_Data records_
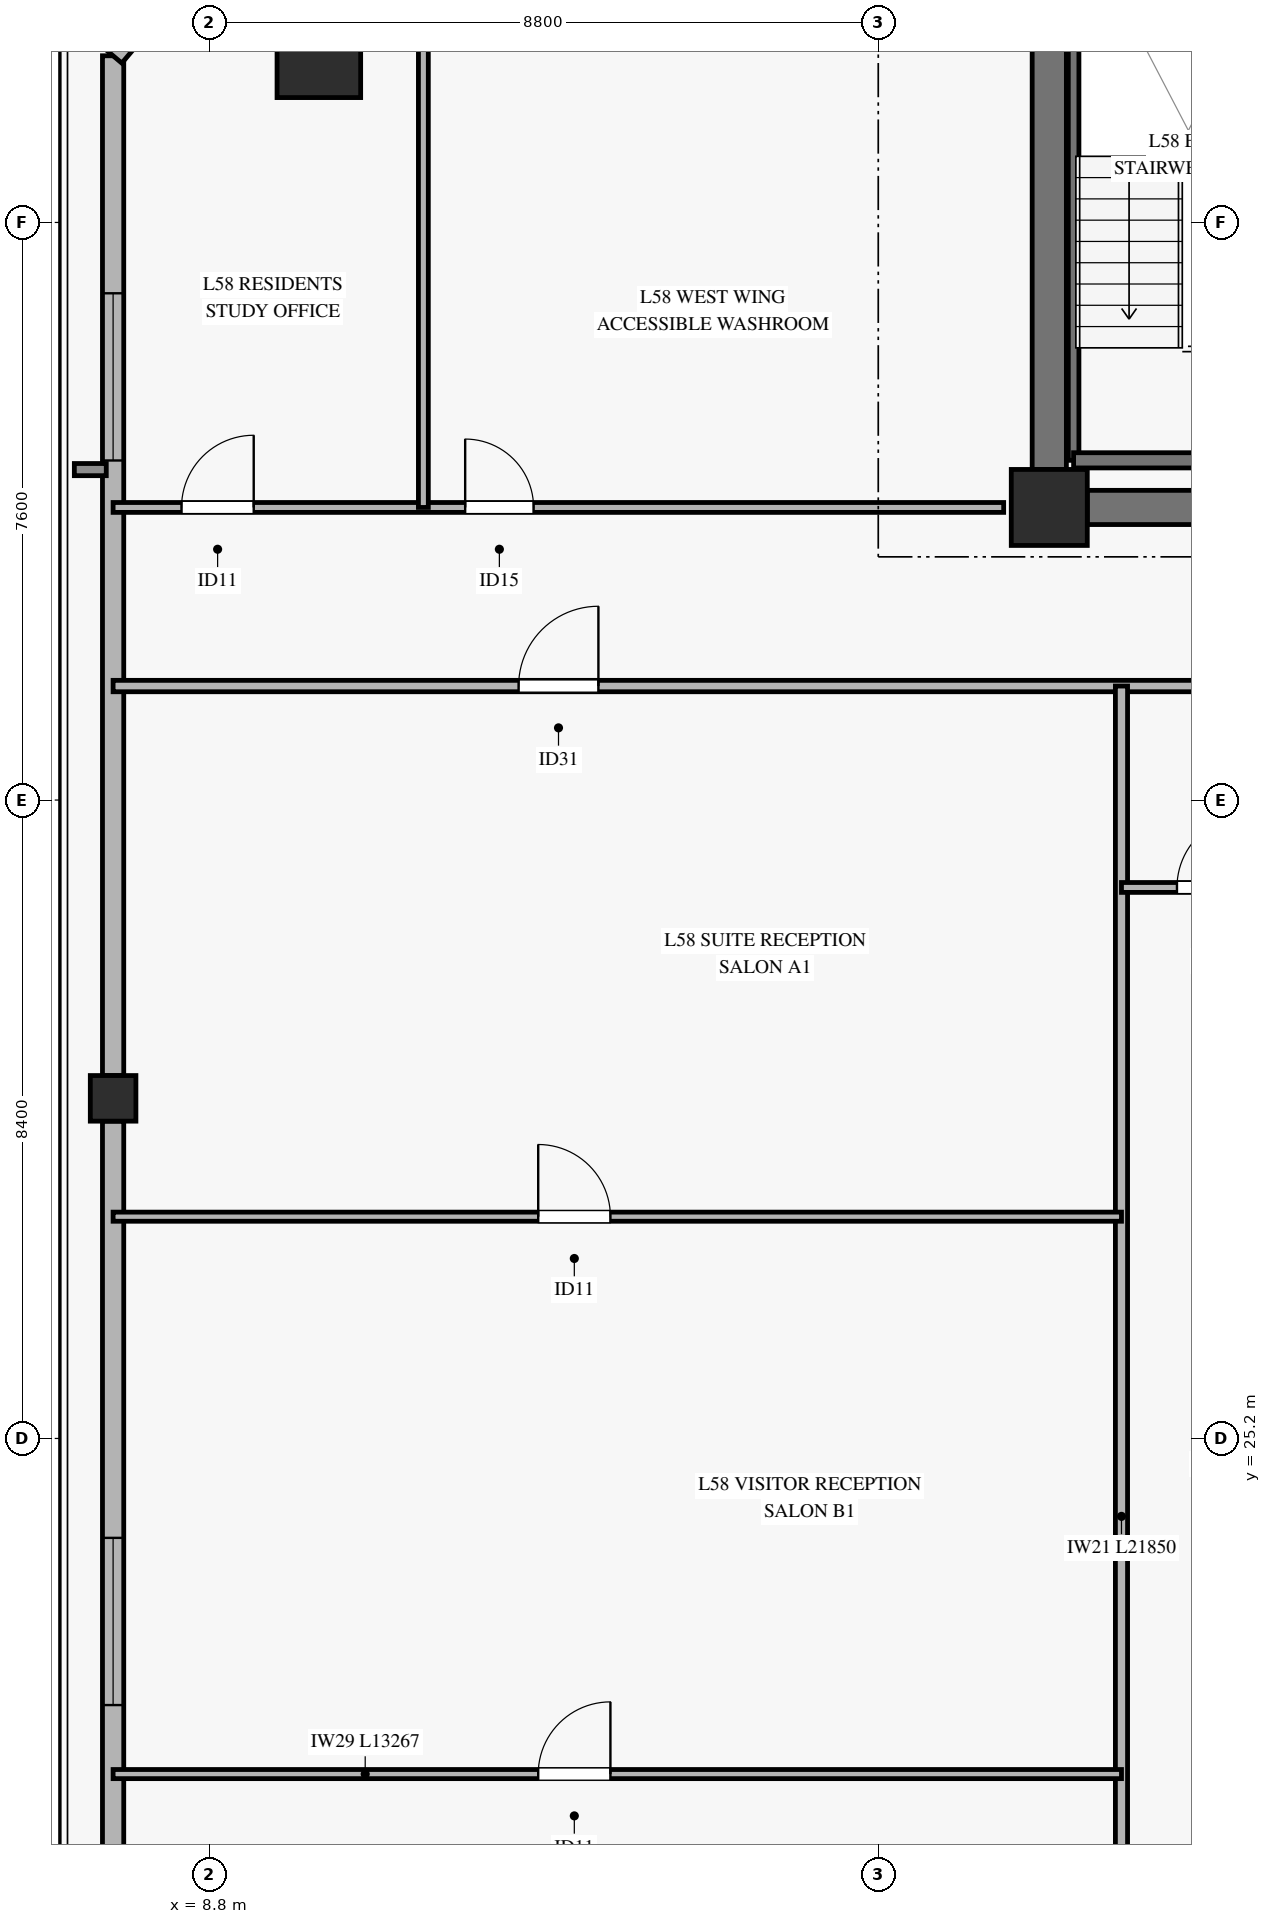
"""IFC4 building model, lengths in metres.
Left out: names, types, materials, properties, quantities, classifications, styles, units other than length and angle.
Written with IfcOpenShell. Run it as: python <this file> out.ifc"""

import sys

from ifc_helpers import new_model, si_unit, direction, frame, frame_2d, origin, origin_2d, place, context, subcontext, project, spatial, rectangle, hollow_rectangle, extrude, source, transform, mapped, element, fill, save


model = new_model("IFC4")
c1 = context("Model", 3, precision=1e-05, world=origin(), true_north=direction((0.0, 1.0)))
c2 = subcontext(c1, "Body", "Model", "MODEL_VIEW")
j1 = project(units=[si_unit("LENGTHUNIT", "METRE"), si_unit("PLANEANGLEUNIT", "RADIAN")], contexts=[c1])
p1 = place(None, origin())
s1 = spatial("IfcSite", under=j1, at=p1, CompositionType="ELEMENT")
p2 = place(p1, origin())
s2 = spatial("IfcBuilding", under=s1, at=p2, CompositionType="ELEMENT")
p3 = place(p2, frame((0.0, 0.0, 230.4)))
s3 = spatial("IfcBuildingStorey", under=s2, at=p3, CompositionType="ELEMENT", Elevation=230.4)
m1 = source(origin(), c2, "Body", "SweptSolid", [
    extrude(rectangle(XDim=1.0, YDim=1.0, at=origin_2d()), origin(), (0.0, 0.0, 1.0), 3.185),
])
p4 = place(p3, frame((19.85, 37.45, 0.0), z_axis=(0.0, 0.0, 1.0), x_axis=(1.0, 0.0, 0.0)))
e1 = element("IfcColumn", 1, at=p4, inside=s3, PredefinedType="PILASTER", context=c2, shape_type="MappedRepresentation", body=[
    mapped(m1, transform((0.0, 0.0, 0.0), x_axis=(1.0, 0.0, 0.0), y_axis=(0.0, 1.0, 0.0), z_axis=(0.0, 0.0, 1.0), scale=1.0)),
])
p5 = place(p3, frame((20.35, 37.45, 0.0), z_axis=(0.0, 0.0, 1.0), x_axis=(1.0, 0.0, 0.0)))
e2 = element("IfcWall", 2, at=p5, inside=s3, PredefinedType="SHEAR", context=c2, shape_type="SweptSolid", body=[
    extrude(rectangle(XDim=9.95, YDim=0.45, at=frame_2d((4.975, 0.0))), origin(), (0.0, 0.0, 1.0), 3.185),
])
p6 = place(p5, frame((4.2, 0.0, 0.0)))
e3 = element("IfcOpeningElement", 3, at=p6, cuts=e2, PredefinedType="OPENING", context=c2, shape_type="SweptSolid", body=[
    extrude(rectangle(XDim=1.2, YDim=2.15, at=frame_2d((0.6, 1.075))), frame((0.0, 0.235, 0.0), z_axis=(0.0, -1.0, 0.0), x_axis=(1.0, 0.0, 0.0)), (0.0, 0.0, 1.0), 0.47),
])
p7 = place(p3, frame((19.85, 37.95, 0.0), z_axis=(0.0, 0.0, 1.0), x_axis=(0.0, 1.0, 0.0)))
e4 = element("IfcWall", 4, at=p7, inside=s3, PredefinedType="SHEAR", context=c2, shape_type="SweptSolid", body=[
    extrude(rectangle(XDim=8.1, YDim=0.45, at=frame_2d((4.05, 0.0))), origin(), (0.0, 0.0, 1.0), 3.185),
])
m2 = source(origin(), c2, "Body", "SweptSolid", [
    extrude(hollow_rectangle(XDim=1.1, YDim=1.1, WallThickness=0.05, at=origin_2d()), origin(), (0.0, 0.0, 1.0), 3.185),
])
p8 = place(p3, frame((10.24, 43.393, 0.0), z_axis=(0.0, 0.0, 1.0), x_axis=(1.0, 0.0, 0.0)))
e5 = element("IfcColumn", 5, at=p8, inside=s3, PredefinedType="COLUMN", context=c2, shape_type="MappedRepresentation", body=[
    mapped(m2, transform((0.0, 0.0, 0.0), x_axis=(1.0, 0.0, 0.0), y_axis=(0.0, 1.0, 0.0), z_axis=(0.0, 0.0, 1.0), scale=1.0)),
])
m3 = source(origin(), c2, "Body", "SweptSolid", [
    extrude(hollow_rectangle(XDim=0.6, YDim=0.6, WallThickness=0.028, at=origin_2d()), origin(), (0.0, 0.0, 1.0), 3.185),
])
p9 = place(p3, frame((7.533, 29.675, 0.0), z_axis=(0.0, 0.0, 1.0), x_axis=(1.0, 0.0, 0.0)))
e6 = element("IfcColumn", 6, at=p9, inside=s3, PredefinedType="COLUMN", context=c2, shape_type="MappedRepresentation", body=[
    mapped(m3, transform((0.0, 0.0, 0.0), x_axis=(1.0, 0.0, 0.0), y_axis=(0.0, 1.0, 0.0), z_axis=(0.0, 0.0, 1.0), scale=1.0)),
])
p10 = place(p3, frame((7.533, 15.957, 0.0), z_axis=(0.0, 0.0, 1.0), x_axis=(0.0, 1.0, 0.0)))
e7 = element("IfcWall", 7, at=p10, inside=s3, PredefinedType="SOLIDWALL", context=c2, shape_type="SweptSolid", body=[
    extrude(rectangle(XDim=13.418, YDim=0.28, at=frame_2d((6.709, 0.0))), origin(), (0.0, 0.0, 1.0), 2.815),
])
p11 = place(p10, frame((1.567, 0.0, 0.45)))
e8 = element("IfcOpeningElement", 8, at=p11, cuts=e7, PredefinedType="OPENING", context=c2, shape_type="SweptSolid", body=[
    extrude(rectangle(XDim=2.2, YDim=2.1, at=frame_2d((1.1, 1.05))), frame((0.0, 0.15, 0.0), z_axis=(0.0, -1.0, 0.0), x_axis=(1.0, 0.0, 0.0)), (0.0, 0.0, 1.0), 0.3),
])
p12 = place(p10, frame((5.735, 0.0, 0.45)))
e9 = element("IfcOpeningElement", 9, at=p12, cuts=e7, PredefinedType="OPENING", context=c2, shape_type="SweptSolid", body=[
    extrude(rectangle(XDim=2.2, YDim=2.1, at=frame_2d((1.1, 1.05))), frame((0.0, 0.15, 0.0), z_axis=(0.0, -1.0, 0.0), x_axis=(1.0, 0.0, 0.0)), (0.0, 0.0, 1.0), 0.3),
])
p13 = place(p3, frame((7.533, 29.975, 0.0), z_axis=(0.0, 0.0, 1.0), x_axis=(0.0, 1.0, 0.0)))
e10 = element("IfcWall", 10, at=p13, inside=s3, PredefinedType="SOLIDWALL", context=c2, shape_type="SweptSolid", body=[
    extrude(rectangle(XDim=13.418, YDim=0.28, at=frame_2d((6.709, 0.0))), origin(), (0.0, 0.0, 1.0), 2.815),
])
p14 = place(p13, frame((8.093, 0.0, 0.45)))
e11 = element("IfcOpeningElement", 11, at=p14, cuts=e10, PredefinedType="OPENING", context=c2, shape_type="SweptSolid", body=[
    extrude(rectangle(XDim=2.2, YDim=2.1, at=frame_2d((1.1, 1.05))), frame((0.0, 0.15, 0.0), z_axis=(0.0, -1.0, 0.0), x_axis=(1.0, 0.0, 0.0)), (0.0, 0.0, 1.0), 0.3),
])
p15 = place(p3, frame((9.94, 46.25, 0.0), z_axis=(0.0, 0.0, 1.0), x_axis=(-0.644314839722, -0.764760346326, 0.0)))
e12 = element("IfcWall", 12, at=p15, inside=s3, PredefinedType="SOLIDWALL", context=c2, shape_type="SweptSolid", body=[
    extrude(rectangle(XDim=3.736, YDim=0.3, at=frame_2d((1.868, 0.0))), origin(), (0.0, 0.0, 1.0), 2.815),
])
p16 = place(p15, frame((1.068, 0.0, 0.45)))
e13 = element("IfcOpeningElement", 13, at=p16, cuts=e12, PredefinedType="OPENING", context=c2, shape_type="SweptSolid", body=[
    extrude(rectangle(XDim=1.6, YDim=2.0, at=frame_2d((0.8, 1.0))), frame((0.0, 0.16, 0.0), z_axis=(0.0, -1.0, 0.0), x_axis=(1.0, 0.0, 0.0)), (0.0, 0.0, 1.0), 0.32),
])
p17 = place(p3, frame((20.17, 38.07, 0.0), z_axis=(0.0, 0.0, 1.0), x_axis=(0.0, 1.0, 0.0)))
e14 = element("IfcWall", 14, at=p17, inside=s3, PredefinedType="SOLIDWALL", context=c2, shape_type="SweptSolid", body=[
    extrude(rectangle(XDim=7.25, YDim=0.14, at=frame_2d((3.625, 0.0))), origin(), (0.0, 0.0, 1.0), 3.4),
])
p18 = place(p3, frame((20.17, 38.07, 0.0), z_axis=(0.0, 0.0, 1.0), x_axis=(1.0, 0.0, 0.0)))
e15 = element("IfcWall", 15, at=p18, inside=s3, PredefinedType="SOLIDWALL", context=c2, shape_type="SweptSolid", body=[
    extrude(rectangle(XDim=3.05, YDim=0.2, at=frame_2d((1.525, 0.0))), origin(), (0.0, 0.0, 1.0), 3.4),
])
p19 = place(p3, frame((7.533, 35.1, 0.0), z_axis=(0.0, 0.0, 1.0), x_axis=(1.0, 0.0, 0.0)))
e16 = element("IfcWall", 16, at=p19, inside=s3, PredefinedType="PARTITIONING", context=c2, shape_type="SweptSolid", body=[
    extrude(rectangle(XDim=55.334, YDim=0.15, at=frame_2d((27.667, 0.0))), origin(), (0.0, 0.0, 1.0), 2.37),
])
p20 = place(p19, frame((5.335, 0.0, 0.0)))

_ACTION ITEM_
Go through the records and show every line with the string "transform" in it.

_RESULT_
from ifc_helpers import new_model, si_unit, direction, frame, frame_2d, origin, origin_2d, place, context, subcontext, project, spatial, rectangle, hollow_rectangle, extrude, source, transform, mapped, element, fill, save
    mapped(m1, transform((0.0, 0.0, 0.0), x_axis=(1.0, 0.0, 0.0), y_axis=(0.0, 1.0, 0.0), z_axis=(0.0, 0.0, 1.0), scale=1.0)),
    mapped(m2, transform((0.0, 0.0, 0.0), x_axis=(1.0, 0.0, 0.0), y_axis=(0.0, 1.0, 0.0), z_axis=(0.0, 0.0, 1.0), scale=1.0)),
    mapped(m3, transform((0.0, 0.0, 0.0), x_axis=(1.0, 0.0, 0.0), y_axis=(0.0, 1.0, 0.0), z_axis=(0.0, 0.0, 1.0), scale=1.0)),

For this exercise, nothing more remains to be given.